Exactly the lines from the beginning of the records to the line with "door_2_shape = door_255cab33(model_context)", both ends included, are to be given again, and pictures are to be left out.

> Records for this exercise:
[Start of section]

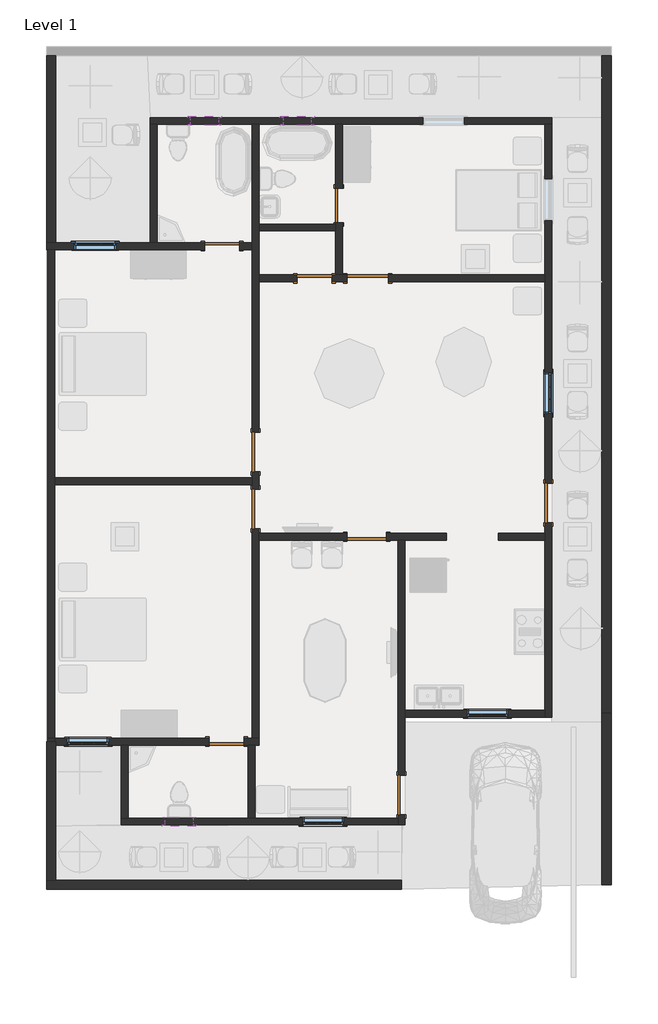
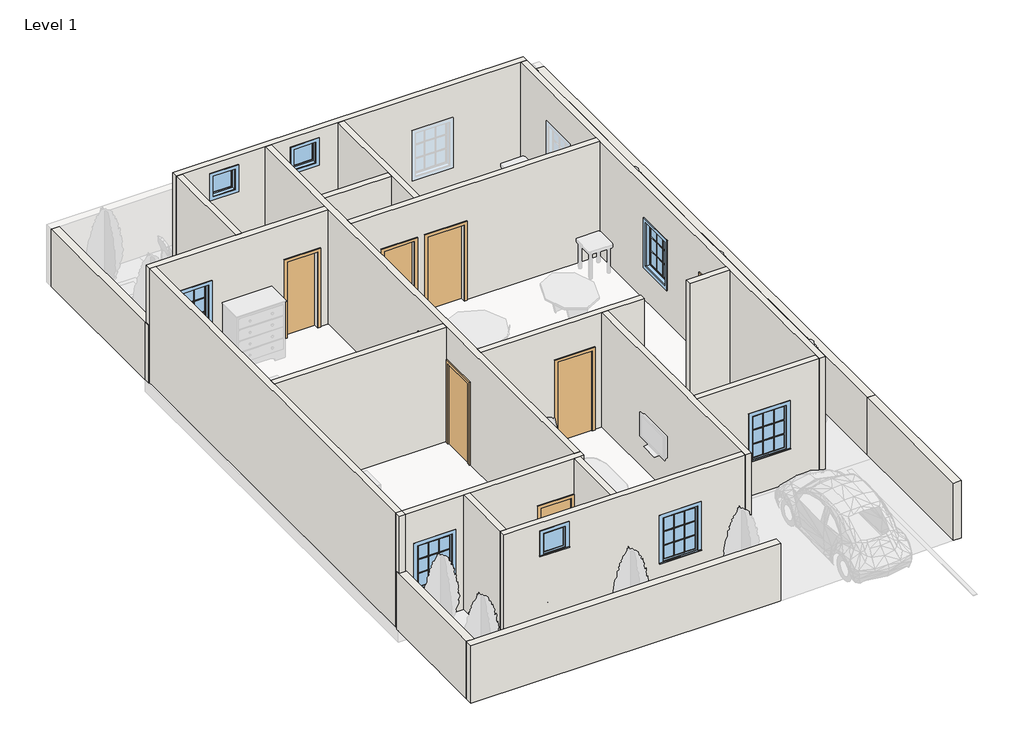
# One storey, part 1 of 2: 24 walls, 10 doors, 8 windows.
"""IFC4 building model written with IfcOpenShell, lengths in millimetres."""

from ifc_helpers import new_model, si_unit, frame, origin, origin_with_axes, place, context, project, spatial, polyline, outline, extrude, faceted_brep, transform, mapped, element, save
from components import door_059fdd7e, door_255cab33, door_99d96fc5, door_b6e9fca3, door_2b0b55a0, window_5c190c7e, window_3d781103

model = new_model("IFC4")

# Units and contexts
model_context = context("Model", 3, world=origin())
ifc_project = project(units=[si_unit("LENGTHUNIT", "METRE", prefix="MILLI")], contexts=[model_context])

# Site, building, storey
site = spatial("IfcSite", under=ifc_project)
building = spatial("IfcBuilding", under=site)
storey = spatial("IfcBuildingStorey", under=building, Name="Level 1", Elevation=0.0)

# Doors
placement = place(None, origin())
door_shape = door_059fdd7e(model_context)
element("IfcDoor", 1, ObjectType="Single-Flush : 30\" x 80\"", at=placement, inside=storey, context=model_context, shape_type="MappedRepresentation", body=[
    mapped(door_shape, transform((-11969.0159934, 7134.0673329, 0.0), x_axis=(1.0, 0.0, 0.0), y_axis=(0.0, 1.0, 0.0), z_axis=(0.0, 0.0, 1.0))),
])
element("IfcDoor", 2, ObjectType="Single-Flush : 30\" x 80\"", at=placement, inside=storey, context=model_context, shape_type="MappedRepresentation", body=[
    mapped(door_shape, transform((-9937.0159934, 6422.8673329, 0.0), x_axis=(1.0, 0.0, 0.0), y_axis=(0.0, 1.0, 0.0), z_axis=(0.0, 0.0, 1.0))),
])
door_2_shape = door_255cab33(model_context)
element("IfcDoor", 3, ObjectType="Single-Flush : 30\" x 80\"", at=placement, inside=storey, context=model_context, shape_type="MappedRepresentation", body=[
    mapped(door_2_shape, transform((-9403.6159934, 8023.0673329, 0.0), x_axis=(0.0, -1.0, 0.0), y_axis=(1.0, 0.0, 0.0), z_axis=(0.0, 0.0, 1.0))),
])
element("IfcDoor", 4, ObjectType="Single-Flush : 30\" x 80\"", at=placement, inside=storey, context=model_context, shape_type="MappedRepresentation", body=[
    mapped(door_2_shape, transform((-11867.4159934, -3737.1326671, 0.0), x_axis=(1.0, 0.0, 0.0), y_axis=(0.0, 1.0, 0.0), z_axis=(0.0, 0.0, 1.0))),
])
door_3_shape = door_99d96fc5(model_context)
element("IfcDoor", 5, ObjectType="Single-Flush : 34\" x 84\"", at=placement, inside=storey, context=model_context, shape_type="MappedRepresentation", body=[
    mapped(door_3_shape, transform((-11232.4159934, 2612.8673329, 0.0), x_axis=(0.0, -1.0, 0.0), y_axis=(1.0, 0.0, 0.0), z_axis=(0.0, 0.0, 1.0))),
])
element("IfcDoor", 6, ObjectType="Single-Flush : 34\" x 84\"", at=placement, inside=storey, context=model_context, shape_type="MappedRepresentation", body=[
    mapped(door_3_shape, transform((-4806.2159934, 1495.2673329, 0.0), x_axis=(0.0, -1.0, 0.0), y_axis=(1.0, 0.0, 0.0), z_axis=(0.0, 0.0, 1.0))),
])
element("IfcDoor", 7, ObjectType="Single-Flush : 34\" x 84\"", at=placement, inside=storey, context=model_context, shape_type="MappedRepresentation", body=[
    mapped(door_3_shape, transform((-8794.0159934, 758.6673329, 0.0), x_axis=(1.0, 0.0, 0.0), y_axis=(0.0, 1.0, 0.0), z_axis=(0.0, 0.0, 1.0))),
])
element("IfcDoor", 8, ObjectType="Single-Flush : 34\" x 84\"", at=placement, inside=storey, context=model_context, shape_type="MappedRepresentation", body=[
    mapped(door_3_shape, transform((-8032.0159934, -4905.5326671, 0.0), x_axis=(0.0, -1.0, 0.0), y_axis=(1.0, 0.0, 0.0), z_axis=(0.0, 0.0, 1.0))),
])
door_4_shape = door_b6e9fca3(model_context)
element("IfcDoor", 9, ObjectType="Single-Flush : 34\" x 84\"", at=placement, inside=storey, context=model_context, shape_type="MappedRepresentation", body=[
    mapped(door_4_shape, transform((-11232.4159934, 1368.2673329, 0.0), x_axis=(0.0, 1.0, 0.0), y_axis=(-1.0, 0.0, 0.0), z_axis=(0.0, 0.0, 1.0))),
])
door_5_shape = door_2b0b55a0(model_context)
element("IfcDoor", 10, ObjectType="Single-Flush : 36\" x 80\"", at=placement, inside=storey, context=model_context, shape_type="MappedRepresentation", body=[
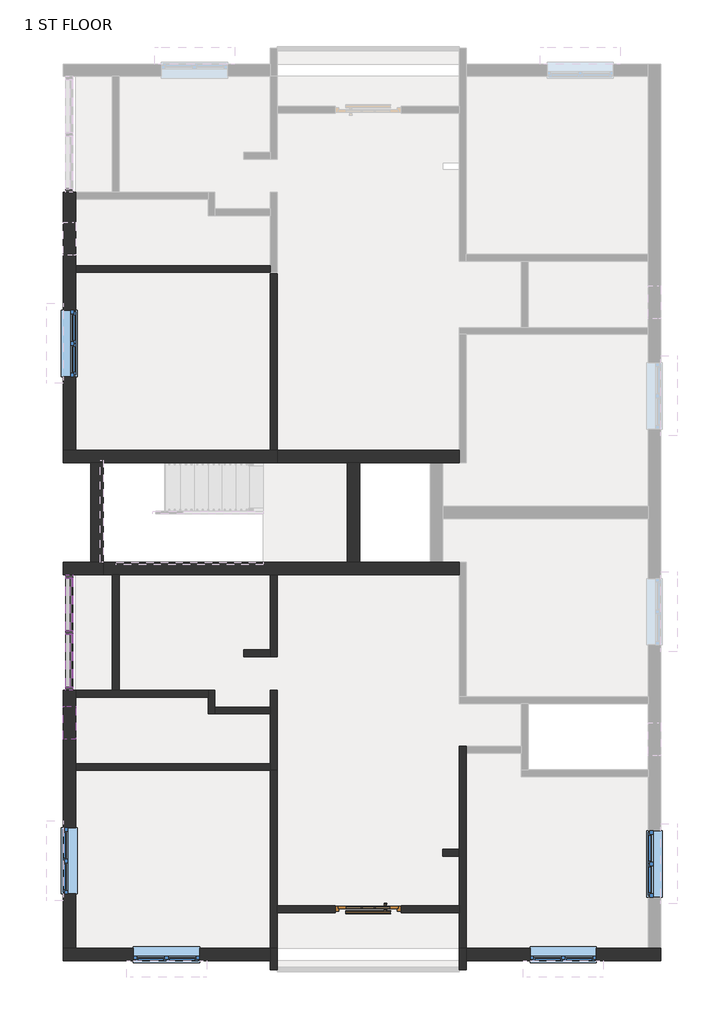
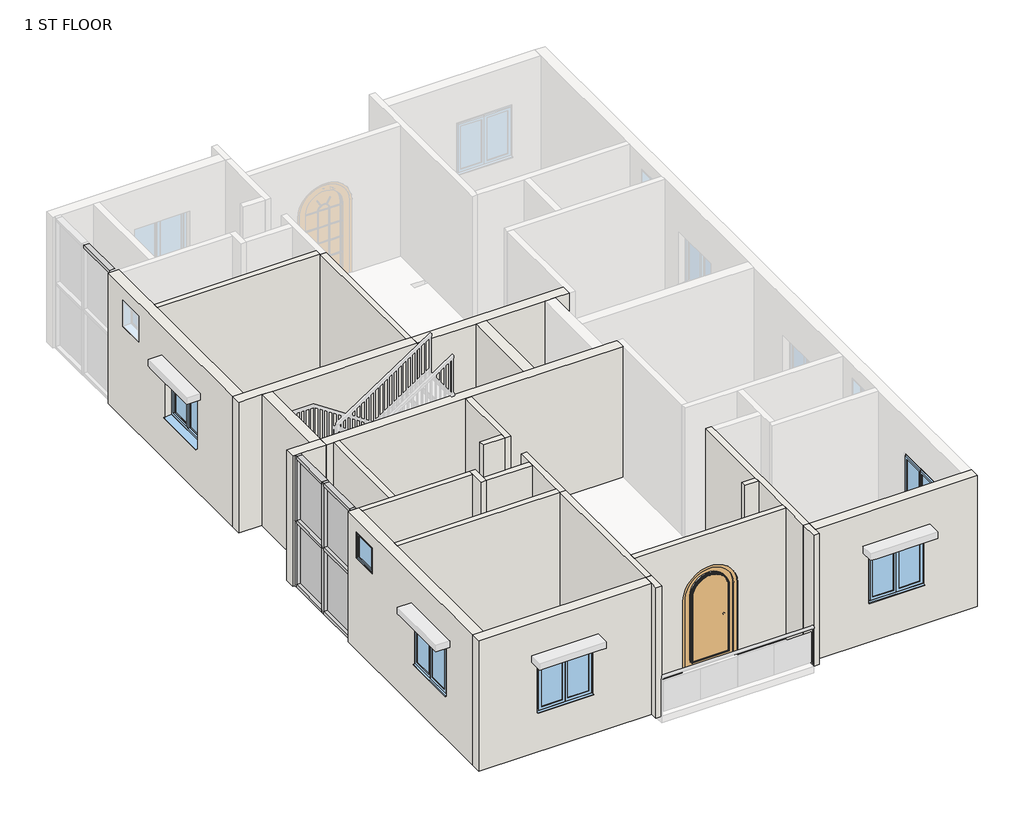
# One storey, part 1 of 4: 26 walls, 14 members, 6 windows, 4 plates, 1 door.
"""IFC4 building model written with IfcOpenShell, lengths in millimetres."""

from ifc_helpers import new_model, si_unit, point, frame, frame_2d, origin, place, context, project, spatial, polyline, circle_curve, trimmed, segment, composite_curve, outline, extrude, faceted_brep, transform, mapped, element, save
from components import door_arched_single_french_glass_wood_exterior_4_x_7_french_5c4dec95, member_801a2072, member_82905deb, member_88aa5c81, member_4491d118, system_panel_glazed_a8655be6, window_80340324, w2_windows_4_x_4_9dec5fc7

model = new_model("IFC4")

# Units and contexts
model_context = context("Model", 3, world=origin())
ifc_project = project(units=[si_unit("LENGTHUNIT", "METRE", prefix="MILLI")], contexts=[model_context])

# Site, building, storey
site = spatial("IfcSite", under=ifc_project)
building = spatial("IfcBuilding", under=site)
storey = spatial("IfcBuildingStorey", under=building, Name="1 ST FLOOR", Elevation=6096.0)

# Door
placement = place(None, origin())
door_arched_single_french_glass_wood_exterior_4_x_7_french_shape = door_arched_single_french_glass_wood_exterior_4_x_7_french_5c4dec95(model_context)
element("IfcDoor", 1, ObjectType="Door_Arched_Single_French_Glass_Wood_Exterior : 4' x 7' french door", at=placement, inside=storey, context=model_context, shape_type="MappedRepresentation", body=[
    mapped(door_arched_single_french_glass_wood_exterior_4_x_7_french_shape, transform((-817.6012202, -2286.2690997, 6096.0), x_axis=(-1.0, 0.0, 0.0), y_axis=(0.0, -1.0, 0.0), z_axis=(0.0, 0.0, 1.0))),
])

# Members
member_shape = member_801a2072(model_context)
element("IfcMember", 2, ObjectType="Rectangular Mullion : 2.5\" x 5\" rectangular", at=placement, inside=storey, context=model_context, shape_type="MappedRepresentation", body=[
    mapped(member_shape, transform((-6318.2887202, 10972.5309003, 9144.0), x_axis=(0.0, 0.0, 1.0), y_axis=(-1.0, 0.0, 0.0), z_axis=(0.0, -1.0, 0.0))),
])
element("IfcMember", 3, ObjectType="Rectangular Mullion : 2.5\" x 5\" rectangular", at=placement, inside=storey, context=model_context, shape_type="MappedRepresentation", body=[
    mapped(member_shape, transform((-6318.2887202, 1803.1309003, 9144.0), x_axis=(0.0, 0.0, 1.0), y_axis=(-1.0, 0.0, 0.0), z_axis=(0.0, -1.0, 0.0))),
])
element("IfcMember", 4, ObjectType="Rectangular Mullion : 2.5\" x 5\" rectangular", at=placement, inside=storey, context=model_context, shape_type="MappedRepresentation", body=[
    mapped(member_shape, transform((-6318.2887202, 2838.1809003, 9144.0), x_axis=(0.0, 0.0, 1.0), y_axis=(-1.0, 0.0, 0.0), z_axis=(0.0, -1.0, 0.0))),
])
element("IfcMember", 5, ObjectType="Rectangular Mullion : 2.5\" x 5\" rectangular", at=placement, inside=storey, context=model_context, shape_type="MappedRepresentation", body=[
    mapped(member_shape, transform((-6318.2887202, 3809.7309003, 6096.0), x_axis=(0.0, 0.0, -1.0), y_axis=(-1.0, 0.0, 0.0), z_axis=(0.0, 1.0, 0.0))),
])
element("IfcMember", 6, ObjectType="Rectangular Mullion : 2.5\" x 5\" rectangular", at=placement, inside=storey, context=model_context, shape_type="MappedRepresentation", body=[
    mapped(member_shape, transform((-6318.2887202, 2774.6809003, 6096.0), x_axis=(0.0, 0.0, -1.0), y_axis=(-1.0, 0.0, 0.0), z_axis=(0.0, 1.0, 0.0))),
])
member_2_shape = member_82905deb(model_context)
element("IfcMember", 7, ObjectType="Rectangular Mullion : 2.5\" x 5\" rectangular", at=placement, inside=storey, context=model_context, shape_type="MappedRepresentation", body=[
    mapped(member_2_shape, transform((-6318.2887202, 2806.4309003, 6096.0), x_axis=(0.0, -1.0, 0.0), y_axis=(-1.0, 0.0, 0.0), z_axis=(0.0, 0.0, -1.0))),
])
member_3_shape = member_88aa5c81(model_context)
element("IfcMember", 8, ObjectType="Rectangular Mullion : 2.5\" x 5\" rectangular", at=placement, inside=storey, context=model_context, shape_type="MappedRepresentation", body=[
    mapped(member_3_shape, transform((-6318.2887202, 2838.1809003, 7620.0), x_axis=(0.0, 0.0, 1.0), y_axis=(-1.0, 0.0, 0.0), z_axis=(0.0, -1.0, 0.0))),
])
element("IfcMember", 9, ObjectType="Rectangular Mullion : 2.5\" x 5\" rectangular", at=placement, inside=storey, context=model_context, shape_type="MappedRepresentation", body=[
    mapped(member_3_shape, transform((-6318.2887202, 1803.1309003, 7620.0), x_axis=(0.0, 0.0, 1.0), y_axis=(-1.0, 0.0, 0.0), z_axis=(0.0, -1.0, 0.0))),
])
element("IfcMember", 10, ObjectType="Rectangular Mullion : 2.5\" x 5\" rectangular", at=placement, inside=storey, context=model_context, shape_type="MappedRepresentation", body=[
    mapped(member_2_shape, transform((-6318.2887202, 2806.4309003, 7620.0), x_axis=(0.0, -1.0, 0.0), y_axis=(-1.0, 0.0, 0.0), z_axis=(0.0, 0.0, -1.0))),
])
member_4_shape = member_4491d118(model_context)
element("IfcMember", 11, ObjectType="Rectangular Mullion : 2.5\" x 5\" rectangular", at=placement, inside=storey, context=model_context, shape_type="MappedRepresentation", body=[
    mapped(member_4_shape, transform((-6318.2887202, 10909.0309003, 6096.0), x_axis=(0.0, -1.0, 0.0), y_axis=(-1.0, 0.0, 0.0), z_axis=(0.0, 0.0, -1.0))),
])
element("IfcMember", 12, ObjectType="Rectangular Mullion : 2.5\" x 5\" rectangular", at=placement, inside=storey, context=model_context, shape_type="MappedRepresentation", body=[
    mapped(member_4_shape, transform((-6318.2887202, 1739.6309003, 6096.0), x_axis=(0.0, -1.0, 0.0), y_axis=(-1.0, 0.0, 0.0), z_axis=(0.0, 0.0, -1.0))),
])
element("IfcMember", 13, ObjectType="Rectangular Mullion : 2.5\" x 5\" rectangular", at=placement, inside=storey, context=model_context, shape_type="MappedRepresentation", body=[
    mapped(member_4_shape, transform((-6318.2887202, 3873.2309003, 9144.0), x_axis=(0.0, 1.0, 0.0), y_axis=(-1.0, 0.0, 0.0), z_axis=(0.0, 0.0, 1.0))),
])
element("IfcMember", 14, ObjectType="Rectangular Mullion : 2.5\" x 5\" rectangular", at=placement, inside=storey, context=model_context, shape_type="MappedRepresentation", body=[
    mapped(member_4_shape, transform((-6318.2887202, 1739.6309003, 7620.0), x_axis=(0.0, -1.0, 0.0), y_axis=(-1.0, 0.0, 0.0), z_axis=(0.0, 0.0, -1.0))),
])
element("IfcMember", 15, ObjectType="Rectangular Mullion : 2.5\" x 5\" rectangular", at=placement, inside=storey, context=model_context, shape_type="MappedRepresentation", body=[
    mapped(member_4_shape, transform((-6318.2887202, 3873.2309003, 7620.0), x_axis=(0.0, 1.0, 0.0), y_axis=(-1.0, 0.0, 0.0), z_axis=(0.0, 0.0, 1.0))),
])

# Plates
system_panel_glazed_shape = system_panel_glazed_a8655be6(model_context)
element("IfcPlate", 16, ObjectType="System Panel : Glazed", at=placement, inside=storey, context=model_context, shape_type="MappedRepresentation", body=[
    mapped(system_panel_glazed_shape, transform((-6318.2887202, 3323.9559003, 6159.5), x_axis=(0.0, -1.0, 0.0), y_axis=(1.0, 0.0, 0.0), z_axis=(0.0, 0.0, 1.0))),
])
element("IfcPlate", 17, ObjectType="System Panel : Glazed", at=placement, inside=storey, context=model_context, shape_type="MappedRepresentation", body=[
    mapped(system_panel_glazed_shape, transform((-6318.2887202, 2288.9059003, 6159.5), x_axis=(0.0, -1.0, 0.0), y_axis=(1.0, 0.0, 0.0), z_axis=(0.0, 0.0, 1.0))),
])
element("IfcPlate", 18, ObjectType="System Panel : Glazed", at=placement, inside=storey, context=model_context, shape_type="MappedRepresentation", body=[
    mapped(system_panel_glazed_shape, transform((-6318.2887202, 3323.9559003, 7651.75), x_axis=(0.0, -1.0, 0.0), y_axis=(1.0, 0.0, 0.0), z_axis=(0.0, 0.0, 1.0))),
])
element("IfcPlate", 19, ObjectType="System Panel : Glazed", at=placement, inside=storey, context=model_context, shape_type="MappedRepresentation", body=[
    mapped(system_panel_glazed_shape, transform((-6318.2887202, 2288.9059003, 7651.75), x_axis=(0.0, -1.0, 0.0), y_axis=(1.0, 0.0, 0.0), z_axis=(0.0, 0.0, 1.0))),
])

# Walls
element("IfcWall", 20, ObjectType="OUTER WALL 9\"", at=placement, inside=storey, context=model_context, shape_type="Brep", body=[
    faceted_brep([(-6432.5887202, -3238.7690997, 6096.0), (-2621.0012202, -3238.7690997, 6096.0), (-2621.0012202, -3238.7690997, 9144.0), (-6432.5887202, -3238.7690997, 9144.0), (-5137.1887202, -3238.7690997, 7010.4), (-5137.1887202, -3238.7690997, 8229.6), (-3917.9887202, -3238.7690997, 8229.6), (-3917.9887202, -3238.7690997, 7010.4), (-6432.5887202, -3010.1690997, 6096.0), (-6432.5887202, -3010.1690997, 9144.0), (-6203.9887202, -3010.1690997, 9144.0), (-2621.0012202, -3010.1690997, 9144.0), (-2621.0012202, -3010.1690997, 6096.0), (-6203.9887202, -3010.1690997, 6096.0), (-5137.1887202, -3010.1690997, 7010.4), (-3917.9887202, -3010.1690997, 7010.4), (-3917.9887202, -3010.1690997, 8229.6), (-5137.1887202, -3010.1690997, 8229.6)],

[End of section]

> Expected answer:
# One storey, part 1 of 2: 24 walls, 10 doors, 8 windows.
"""IFC4 building model written with IfcOpenShell, lengths in millimetres."""

from ifc_helpers import new_model, si_unit, frame, origin, origin_with_axes, place, context, project, spatial, polyline, outline, extrude, faceted_brep, transform, mapped, element, save
from components import door_059fdd7e, door_255cab33, door_99d96fc5, door_b6e9fca3, door_2b0b55a0, window_5c190c7e, window_3d781103

model = new_model("IFC4")

# Units and contexts
model_context = context("Model", 3, world=origin())
ifc_project = project(units=[si_unit("LENGTHUNIT", "METRE", prefix="MILLI")], contexts=[model_context])

# Site, building, storey
site = spatial("IfcSite", under=ifc_project)
building = spatial("IfcBuilding", under=site)
storey = spatial("IfcBuildingStorey", under=building, Name="Level 1", Elevation=0.0)

# Doors
placement = place(None, origin())
door_shape = door_059fdd7e(model_context)
element("IfcDoor", 1, ObjectType="Single-Flush : 30\" x 80\"", at=placement, inside=storey, context=model_context, shape_type="MappedRepresentation", body=[
    mapped(door_shape, transform((-11969.0159934, 7134.0673329, 0.0), x_axis=(1.0, 0.0, 0.0), y_axis=(0.0, 1.0, 0.0), z_axis=(0.0, 0.0, 1.0))),
])
element("IfcDoor", 2, ObjectType="Single-Flush : 30\" x 80\"", at=placement, inside=storey, context=model_context, shape_type="MappedRepresentation", body=[
    mapped(door_shape, transform((-9937.0159934, 6422.8673329, 0.0), x_axis=(1.0, 0.0, 0.0), y_axis=(0.0, 1.0, 0.0), z_axis=(0.0, 0.0, 1.0))),
])
door_2_shape = door_255cab33(model_context)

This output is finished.